◆ **About this task**: Your reply should reproduce each entry exactly and contain no pictures.
*** Extracted material Section Begins ***
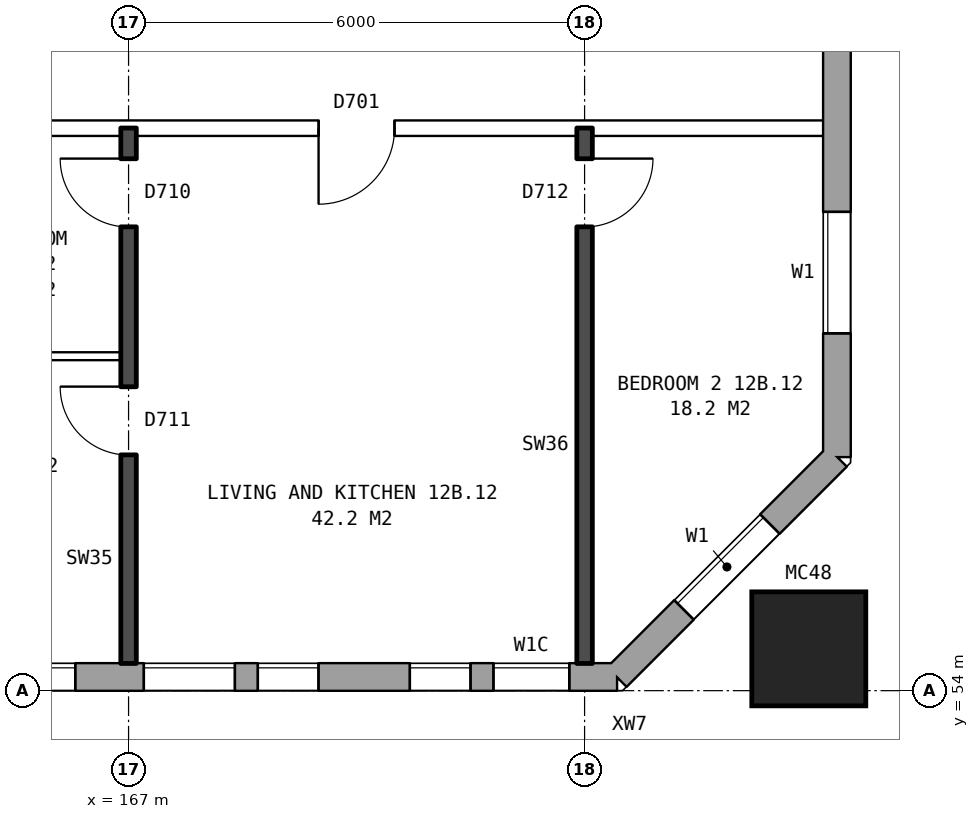
"""IFC4 building model, lengths in metres.
Left out: names, types, materials, properties, quantities, classifications, styles, units other than length and angle.
Written with IfcOpenShell. Run it as: python <this file> out.ifc"""

import sys

from ifc_helpers import new_model, si_unit, direction, frame, frame_2d, origin, origin_2d, place, context, subcontext, project, spatial, rectangle, hollow_rectangle, extrude, element, fill, save


model = new_model("IFC4")
c1 = context("Model", 3, precision=1e-05, world=origin(), true_north=direction((0.0, 1.0)))
c2 = subcontext(c1, "Body", "Model", "MODEL_VIEW")
j1 = project(units=[si_unit("LENGTHUNIT", "METRE"), si_unit("PLANEANGLEUNIT", "RADIAN")], contexts=[c1])
p1 = place(None, origin())
s1 = spatial("IfcSite", under=j1, at=p1, CompositionType="ELEMENT")
p2 = place(p1, origin())
s2 = spatial("IfcBuilding", under=s1, at=p2, CompositionType="ELEMENT")
p3 = place(p2, frame((0.0, 0.0, 47.4)))
s3 = spatial("IfcBuildingStorey", under=s2, at=p3, CompositionType="ELEMENT", Elevation=47.4)
p4 = place(p3, frame((175.95, 54.55, 0.0), z_axis=(0.0, 0.0, 1.0), x_axis=(1.0, 0.0, 0.0)))
e1 = element("IfcColumn", 1, at=p4, inside=s3, PredefinedType="COLUMN", context=c2, shape_type="SweptSolid", body=[
    extrude(hollow_rectangle(XDim=1.5, YDim=1.5, WallThickness=0.08, at=origin_2d()), origin(), (0.0, 0.0, 1.0), 3.1),
])
p5 = place(p3, frame((134.075, 54.18, 0.0), z_axis=(0.0, 0.0, 1.0), x_axis=(1.0, 0.0, 0.0)))
e2 = element("IfcWall", 2, at=p5, inside=s3, PredefinedType="STANDARD", context=c2, shape_type="SweptSolid", body=[
    extrude(rectangle(XDim=39.351, YDim=0.36, at=frame_2d((19.675, 0.0))), origin(), (0.0, 0.0, 1.0), 2.85),
])
p6 = place(p5, frame((0.3, 0.0, 0.8)))
e3 = element("IfcOpeningElement", 3, at=p6, cuts=e2, PredefinedType="OPENING", context=c2, shape_type="SweptSolid", body=[
    extrude(rectangle(XDim=1.2, YDim=1.8, at=frame_2d((0.6, 0.9))), frame((0.0, 0.19, 0.0), z_axis=(0.0, -1.0, 0.0), x_axis=(1.0, 0.0, 0.0)), (0.0, 0.0, 1.0), 0.38),
])
p7 = place(p5, frame((3.925, 0.0, 0.8)))
e4 = element("IfcOpeningElement", 4, at=p7, cuts=e2, PredefinedType="OPENING", context=c2, shape_type="SweptSolid", body=[
    extrude(rectangle(XDim=0.8, YDim=0.9, at=frame_2d((0.4, 0.45))), frame((0.0, 0.19, 0.0), z_axis=(0.0, -1.0, 0.0), x_axis=(1.0, 0.0, 0.0)), (0.0, 0.0, 1.0), 0.38),
])
p8 = place(p5, frame((6.625, 0.0, 0.8)))
e5 = element("IfcOpeningElement", 5, at=p8, cuts=e2, PredefinedType="OPENING", context=c2, shape_type="SweptSolid", body=[
    extrude(rectangle(XDim=1.6, YDim=1.8, at=frame_2d((0.8, 0.9))), frame((0.0, 0.19, 0.0), z_axis=(0.0, -1.0, 0.0), x_axis=(1.0, 0.0, 0.0)), (0.0, 0.0, 1.0), 0.38),
])
p9 = place(p5, frame((9.625, 0.0, 0.8)))
e6 = element("IfcOpeningElement", 6, at=p9, cuts=e2, PredefinedType="OPENING", context=c2, shape_type="SweptSolid", body=[
    extrude(rectangle(XDim=1.6, YDim=1.8, at=frame_2d((0.8, 0.9))), frame((0.0, 0.19, 0.0), z_axis=(0.0, -1.0, 0.0), x_axis=(1.0, 0.0, 0.0)), (0.0, 0.0, 1.0), 0.38),
])
p10 = place(p5, frame((12.625, 0.0, 0.8)))
e7 = element("IfcOpeningElement", 7, at=p10, cuts=e2, PredefinedType="OPENING", context=c2, shape_type="SweptSolid", body=[
    extrude(rectangle(XDim=1.6, YDim=1.8, at=frame_2d((0.8, 0.9))), frame((0.0, 0.19, 0.0), z_axis=(0.0, -1.0, 0.0), x_axis=(1.0, 0.0, 0.0)), (0.0, 0.0, 1.0), 0.38),
])
p11 = place(p5, frame((15.625, 0.0, 0.8)))
e8 = element("IfcOpeningElement", 8, at=p11, cuts=e2, PredefinedType="OPENING", context=c2, shape_type="SweptSolid", body=[
    extrude(rectangle(XDim=1.6, YDim=1.8, at=frame_2d((0.8, 0.9))), frame((0.0, 0.19, 0.0), z_axis=(0.0, -1.0, 0.0), x_axis=(1.0, 0.0, 0.0)), (0.0, 0.0, 1.0), 0.38),
])
p12 = place(p5, frame((18.625, 0.0, 0.8)))
e9 = element("IfcOpeningElement", 9, at=p12, cuts=e2, PredefinedType="OPENING", context=c2, shape_type="SweptSolid", body=[
    extrude(rectangle(XDim=1.6, YDim=1.8, at=frame_2d((0.8, 0.9))), frame((0.0, 0.19, 0.0), z_axis=(0.0, -1.0, 0.0), x_axis=(1.0, 0.0, 0.0)), (0.0, 0.0, 1.0), 0.38),
])
p13 = place(p5, frame((21.625, 0.0, 0.8)))
e10 = element("IfcOpeningElement", 10, at=p13, cuts=e2, PredefinedType="OPENING", context=c2, shape_type="SweptSolid", body=[
    extrude(rectangle(XDim=1.6, YDim=1.8, at=frame_2d((0.8, 0.9))), frame((0.0, 0.19, 0.0), z_axis=(0.0, -1.0, 0.0), x_axis=(1.0, 0.0, 0.0)), (0.0, 0.0, 1.0), 0.38),
])
p14 = place(p5, frame((24.625, 0.0, 0.8)))
e11 = element("IfcOpeningElement", 11, at=p14, cuts=e2, PredefinedType="OPENING", context=c2, shape_type="SweptSolid", body=[
    extrude(rectangle(XDim=1.6, YDim=1.8, at=frame_2d((0.8, 0.9))), frame((0.0, 0.19, 0.0), z_axis=(0.0, -1.0, 0.0), x_axis=(1.0, 0.0, 0.0)), (0.0, 0.0, 1.0), 0.38),
])
p15 = place(p5, frame((27.625, 0.0, 0.8)))
e12 = element("IfcOpeningElement", 12, at=p15, cuts=e2, PredefinedType="OPENING", context=c2, shape_type="SweptSolid", body=[
    extrude(rectangle(XDim=1.6, YDim=1.8, at=frame_2d((0.8, 0.9))), frame((0.0, 0.19, 0.0), z_axis=(0.0, -1.0, 0.0), x_axis=(1.0, 0.0, 0.0)), (0.0, 0.0, 1.0), 0.38),
])
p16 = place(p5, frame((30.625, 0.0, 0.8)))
*** Extracted material Section Ends ***
◆ **Exercise output**:
"""IFC4 building model, lengths in metres.
Left out: names, types, materials, properties, quantities, classifications, styles, units other than length and angle.
Written with IfcOpenShell. Run it as: python <this file> out.ifc"""

import sys

from ifc_helpers import new_model, si_unit, direction, frame, frame_2d, origin, origin_2d, place, context, subcontext, project, spatial, rectangle, hollow_rectangle, extrude, element, fill, save


model = new_model("IFC4")
c1 = context("Model", 3, precision=1e-05, world=origin(), true_north=direction((0.0, 1.0)))
c2 = subcontext(c1, "Body", "Model", "MODEL_VIEW")
j1 = project(units=[si_unit("LENGTHUNIT", "METRE"), si_unit("PLANEANGLEUNIT", "RADIAN")], contexts=[c1])
p1 = place(None, origin())
s1 = spatial("IfcSite", under=j1, at=p1, CompositionType="ELEMENT")
p2 = place(p1, origin())
s2 = spatial("IfcBuilding", under=s1, at=p2, CompositionType="ELEMENT")
p3 = place(p2, frame((0.0, 0.0, 47.4)))
s3 = spatial("IfcBuildingStorey", under=s2, at=p3, CompositionType="ELEMENT", Elevation=47.4)
p4 = place(p3, frame((175.95, 54.55, 0.0), z_axis=(0.0, 0.0, 1.0), x_axis=(1.0, 0.0, 0.0)))
e1 = element("IfcColumn", 1, at=p4, inside=s3, PredefinedType="COLUMN", context=c2, shape_type="SweptSolid", body=[
    extrude(hollow_rectangle(XDim=1.5, YDim=1.5, WallThickness=0.08, at=origin_2d()), origin(), (0.0, 0.0, 1.0), 3.1),
])
p5 = place(p3, frame((134.075, 54.18, 0.0), z_axis=(0.0, 0.0, 1.0), x_axis=(1.0, 0.0, 0.0)))
e2 = element("IfcWall", 2, at=p5, inside=s3, PredefinedType="STANDARD", context=c2, shape_type="SweptSolid", body=[
    extrude(rectangle(XDim=39.351, YDim=0.36, at=frame_2d((19.675, 0.0))), origin(), (0.0, 0.0, 1.0), 2.85),
])
p6 = place(p5, frame((0.3, 0.0, 0.8)))
e3 = element("IfcOpeningElement", 3, at=p6, cuts=e2, PredefinedType="OPENING", context=c2, shape_type="SweptSolid", body=[
    extrude(rectangle(XDim=1.2, YDim=1.8, at=frame_2d((0.6, 0.9))), frame((0.0, 0.19, 0.0), z_axis=(0.0, -1.0, 0.0), x_axis=(1.0, 0.0, 0.0)), (0.0, 0.0, 1.0), 0.38),
])
p7 = place(p5, frame((3.925, 0.0, 0.8)))
e4 = element("IfcOpeningElement", 4, at=p7, cuts=e2, PredefinedType="OPENING", context=c2, shape_type="SweptSolid", body=[
    extrude(rectangle(XDim=0.8, YDim=0.9, at=frame_2d((0.4, 0.45))), frame((0.0, 0.19, 0.0), z_axis=(0.0, -1.0, 0.0), x_axis=(1.0, 0.0, 0.0)), (0.0, 0.0, 1.0), 0.38),
])
p8 = place(p5, frame((6.625, 0.0, 0.8)))
e5 = element("IfcOpeningElement", 5, at=p8, cuts=e2, PredefinedType="OPENING", context=c2, shape_type="SweptSolid", body=[
    extrude(rectangle(XDim=1.6, YDim=1.8, at=frame_2d((0.8, 0.9))), frame((0.0, 0.19, 0.0), z_axis=(0.0, -1.0, 0.0), x_axis=(1.0, 0.0, 0.0)), (0.0, 0.0, 1.0), 0.38),
])
p9 = place(p5, frame((9.625, 0.0, 0.8)))
e6 = element("IfcOpeningElement", 6, at=p9, cuts=e2, PredefinedType="OPENING", context=c2, shape_type="SweptSolid", body=[
    extrude(rectangle(XDim=1.6, YDim=1.8, at=frame_2d((0.8, 0.9))), frame((0.0, 0.19, 0.0), z_axis=(0.0, -1.0, 0.0), x_axis=(1.0, 0.0, 0.0)), (0.0, 0.0, 1.0), 0.38),
])
p10 = place(p5, frame((12.625, 0.0, 0.8)))
e7 = element("IfcOpeningElement", 7, at=p10, cuts=e2, PredefinedType="OPENING", context=c2, shape_type="SweptSolid", body=[
    extrude(rectangle(XDim=1.6, YDim=1.8, at=frame_2d((0.8, 0.9))), frame((0.0, 0.19, 0.0), z_axis=(0.0, -1.0, 0.0), x_axis=(1.0, 0.0, 0.0)), (0.0, 0.0, 1.0), 0.38),
])
p11 = place(p5, frame((15.625, 0.0, 0.8)))
e8 = element("IfcOpeningElement", 8, at=p11, cuts=e2, PredefinedType="OPENING", context=c2, shape_type="SweptSolid", body=[
    extrude(rectangle(XDim=1.6, YDim=1.8, at=frame_2d((0.8, 0.9))), frame((0.0, 0.19, 0.0), z_axis=(0.0, -1.0, 0.0), x_axis=(1.0, 0.0, 0.0)), (0.0, 0.0, 1.0), 0.38),
])
p12 = place(p5, frame((18.625, 0.0, 0.8)))
e9 = element("IfcOpeningElement", 9, at=p12, cuts=e2, PredefinedType="OPENING", context=c2, shape_type="SweptSolid", body=[
    extrude(rectangle(XDim=1.6, YDim=1.8, at=frame_2d((0.8, 0.9))), frame((0.0, 0.19, 0.0), z_axis=(0.0, -1.0, 0.0), x_axis=(1.0, 0.0, 0.0)), (0.0, 0.0, 1.0), 0.38),
])
p13 = place(p5, frame((21.625, 0.0, 0.8)))
e10 = element("IfcOpeningElement", 10, at=p13, cuts=e2, PredefinedType="OPENING", context=c2, shape_type="SweptSolid", body=[
    extrude(rectangle(XDim=1.6, YDim=1.8, at=frame_2d((0.8, 0.9))), frame((0.0, 0.19, 0.0), z_axis=(0.0, -1.0, 0.0), x_axis=(1.0, 0.0, 0.0)), (0.0, 0.0, 1.0), 0.38),
])
p14 = place(p5, frame((24.625, 0.0, 0.8)))
e11 = element("IfcOpeningElement", 11, at=p14, cuts=e2, PredefinedType="OPENING", context=c2, shape_type="SweptSolid", body=[
    extrude(rectangle(XDim=1.6, YDim=1.8, at=frame_2d((0.8, 0.9))), frame((0.0, 0.19, 0.0), z_axis=(0.0, -1.0, 0.0), x_axis=(1.0, 0.0, 0.0)), (0.0, 0.0, 1.0), 0.38),
])
p15 = place(p5, frame((27.625, 0.0, 0.8)))
e12 = element("IfcOpeningElement", 12, at=p15, cuts=e2, PredefinedType="OPENING", context=c2, shape_type="SweptSolid", body=[
    extrude(rectangle(XDim=1.6, YDim=1.8, at=frame_2d((0.8, 0.9))), frame((0.0, 0.19, 0.0), z_axis=(0.0, -1.0, 0.0), x_axis=(1.0, 0.0, 0.0)), (0.0, 0.0, 1.0), 0.38),
])
p16 = place(p5, frame((30.625, 0.0, 0.8)))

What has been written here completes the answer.